▸ Raw data:
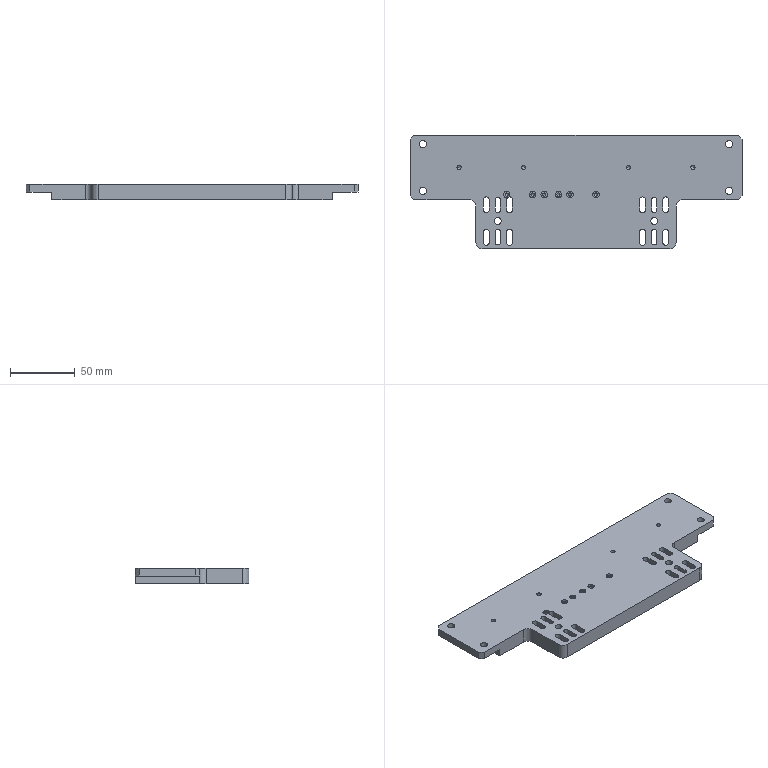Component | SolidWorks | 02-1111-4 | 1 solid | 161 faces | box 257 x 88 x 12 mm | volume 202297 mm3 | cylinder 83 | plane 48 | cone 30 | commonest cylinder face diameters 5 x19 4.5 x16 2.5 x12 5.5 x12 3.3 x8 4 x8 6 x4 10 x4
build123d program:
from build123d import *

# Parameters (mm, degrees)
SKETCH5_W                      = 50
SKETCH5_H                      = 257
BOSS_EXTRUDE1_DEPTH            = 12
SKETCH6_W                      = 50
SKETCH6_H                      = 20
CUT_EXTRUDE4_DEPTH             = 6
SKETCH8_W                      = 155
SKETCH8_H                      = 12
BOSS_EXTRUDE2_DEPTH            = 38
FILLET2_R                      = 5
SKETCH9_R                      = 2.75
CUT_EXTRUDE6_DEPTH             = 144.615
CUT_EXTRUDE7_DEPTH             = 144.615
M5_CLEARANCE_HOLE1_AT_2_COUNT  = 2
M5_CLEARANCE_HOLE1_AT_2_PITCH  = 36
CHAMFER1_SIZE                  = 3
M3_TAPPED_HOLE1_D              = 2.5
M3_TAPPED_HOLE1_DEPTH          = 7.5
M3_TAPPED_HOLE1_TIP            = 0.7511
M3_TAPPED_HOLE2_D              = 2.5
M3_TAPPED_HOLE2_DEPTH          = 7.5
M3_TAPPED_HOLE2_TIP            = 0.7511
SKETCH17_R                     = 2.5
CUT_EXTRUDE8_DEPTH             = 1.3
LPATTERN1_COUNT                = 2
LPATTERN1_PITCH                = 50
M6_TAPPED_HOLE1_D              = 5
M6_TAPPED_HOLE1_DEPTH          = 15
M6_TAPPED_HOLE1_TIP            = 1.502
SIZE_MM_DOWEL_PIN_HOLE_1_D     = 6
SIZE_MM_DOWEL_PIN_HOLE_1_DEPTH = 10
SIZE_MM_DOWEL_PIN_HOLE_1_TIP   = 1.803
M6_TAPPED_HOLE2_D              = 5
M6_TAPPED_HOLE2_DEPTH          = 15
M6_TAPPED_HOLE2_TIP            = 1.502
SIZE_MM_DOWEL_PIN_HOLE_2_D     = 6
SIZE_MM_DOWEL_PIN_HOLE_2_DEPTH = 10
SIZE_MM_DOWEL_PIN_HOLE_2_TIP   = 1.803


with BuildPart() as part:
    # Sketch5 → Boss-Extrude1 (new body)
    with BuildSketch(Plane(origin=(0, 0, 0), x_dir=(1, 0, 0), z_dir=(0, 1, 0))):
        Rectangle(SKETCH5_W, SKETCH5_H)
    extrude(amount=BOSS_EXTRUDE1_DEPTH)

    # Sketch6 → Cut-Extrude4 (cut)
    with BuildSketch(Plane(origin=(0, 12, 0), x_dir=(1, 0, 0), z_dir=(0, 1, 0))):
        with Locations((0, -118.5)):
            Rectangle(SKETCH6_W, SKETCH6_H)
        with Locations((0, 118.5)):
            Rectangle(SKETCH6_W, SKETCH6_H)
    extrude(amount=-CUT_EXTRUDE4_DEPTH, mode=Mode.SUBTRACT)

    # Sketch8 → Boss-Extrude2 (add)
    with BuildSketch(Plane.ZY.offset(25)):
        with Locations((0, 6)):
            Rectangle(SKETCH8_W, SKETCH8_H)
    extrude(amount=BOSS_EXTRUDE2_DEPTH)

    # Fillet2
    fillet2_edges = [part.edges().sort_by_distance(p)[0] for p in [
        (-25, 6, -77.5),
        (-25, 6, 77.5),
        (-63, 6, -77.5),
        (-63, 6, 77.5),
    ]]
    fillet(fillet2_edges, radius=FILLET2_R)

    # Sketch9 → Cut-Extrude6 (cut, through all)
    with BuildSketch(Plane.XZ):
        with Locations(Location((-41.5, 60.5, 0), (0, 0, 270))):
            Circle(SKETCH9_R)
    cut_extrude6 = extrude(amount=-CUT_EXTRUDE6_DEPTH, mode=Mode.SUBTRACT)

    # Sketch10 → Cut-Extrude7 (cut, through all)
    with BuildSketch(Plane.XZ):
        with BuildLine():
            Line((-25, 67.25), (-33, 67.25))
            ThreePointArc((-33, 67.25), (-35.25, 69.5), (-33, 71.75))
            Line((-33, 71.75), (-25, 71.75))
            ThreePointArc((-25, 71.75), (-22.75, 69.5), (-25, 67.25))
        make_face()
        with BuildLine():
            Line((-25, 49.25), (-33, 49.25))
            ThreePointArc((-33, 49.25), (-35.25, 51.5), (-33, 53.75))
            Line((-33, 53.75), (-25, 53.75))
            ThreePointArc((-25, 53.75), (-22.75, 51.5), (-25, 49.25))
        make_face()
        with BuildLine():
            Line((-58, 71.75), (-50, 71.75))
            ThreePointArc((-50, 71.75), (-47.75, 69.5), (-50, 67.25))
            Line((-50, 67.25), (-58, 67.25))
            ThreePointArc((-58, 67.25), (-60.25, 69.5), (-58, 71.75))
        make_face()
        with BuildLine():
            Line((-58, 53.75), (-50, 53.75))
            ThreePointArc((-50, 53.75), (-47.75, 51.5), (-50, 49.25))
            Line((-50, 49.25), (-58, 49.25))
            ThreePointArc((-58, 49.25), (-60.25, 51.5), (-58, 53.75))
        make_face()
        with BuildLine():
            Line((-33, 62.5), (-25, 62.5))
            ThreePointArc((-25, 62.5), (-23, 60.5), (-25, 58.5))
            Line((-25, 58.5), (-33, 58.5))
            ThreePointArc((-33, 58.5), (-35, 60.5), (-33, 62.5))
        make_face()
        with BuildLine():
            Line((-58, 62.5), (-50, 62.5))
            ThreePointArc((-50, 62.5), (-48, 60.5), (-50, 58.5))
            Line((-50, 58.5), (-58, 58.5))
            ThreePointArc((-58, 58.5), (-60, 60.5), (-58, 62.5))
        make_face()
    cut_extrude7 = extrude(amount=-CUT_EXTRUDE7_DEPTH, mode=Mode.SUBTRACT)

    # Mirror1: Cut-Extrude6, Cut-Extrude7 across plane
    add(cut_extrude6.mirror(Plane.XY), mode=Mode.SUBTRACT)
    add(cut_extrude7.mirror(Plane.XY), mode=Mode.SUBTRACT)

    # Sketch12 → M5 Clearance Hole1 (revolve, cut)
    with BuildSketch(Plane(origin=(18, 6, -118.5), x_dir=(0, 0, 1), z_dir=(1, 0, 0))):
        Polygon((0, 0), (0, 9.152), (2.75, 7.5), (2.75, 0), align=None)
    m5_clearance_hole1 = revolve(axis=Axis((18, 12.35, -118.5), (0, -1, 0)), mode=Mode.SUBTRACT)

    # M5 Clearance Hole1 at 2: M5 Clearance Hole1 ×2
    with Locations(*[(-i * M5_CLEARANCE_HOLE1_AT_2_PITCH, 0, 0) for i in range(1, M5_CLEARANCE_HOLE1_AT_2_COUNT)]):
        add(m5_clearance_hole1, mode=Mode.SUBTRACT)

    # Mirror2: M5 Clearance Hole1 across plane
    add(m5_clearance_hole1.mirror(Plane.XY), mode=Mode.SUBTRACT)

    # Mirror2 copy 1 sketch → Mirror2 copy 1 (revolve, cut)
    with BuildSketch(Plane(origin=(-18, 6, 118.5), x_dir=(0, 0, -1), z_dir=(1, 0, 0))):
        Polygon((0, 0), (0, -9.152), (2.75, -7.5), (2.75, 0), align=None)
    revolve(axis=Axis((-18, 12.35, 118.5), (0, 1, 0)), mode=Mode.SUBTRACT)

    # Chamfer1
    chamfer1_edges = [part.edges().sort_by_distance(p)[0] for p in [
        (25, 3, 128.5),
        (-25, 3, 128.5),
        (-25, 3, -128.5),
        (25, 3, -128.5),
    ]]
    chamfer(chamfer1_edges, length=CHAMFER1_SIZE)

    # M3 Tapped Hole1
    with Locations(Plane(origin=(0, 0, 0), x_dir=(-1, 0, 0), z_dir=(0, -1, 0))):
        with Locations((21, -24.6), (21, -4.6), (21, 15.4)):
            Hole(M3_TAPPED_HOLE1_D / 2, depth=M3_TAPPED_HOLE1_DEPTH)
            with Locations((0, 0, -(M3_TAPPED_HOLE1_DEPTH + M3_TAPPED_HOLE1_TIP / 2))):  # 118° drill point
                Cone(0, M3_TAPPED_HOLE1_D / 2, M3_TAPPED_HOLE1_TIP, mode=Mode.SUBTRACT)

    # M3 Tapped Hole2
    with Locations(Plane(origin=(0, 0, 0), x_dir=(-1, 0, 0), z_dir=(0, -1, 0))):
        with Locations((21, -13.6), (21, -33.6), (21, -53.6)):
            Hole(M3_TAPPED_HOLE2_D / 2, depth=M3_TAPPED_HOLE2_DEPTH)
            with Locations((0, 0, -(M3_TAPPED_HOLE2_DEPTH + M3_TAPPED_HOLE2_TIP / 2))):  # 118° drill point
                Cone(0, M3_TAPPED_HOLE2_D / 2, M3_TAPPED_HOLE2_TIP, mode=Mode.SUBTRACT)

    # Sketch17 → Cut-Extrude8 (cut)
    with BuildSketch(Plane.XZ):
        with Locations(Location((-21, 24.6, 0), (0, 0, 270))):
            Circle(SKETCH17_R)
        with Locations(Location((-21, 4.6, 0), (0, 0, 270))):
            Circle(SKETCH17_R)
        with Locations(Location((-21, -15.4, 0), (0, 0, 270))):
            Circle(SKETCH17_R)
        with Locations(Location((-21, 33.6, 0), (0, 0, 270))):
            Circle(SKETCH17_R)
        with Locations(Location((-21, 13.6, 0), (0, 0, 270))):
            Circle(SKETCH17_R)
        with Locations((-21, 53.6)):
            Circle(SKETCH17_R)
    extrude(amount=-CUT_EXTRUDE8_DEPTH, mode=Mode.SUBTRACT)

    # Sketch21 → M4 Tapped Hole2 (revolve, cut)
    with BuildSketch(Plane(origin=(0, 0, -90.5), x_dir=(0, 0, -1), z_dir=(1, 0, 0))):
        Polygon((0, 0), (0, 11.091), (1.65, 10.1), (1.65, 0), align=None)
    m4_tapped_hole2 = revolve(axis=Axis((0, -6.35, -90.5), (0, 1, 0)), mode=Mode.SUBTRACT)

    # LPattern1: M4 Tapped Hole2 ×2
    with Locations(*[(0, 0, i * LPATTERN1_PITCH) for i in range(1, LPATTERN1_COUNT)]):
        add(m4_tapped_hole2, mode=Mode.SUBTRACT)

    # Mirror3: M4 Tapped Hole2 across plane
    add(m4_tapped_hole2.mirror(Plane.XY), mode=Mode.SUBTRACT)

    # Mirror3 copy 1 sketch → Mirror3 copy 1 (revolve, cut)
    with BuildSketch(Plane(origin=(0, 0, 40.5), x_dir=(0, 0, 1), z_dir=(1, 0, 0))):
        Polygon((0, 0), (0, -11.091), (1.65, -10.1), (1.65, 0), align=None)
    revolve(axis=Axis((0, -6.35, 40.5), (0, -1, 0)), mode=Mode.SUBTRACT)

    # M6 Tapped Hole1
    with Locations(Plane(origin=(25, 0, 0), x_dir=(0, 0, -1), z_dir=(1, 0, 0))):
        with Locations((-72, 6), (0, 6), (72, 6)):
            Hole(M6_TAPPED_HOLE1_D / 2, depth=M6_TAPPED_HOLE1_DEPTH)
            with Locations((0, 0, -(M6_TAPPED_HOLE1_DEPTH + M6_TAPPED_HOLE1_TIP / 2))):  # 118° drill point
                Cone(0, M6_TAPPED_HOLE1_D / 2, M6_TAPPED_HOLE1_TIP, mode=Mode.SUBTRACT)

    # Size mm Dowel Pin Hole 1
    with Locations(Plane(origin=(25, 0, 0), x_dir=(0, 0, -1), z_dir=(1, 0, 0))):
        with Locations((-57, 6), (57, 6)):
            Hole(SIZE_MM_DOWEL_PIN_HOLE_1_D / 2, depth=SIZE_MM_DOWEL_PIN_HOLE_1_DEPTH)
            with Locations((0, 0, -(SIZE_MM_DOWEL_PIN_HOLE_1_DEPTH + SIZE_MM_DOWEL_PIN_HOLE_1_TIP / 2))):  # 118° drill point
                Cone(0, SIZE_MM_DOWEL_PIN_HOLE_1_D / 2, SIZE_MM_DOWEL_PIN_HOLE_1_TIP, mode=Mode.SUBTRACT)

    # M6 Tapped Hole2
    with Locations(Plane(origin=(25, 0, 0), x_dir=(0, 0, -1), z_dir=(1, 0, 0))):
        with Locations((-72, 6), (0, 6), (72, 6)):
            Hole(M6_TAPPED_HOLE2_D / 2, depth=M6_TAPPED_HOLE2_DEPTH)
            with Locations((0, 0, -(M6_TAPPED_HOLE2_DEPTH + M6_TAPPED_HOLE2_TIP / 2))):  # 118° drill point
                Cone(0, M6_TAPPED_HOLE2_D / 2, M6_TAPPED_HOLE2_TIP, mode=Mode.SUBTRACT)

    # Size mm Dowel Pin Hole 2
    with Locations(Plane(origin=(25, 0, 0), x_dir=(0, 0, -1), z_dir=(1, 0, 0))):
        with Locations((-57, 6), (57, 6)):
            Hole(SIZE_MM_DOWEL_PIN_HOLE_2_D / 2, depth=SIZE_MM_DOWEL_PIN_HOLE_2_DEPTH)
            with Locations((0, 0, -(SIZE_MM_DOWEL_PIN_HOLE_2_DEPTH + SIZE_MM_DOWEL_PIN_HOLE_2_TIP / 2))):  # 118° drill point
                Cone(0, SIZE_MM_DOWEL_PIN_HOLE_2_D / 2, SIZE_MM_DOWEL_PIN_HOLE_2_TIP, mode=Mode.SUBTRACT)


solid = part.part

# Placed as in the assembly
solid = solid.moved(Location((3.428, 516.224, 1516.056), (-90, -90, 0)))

▸ What you should do: Check each line of the records for the string "across" and copy those that have it.

▸ Written response:
    # Mirror1: Cut-Extrude6, Cut-Extrude7 across plane
    # Mirror2: M5 Clearance Hole1 across plane
    # Mirror3: M4 Tapped Hole2 across plane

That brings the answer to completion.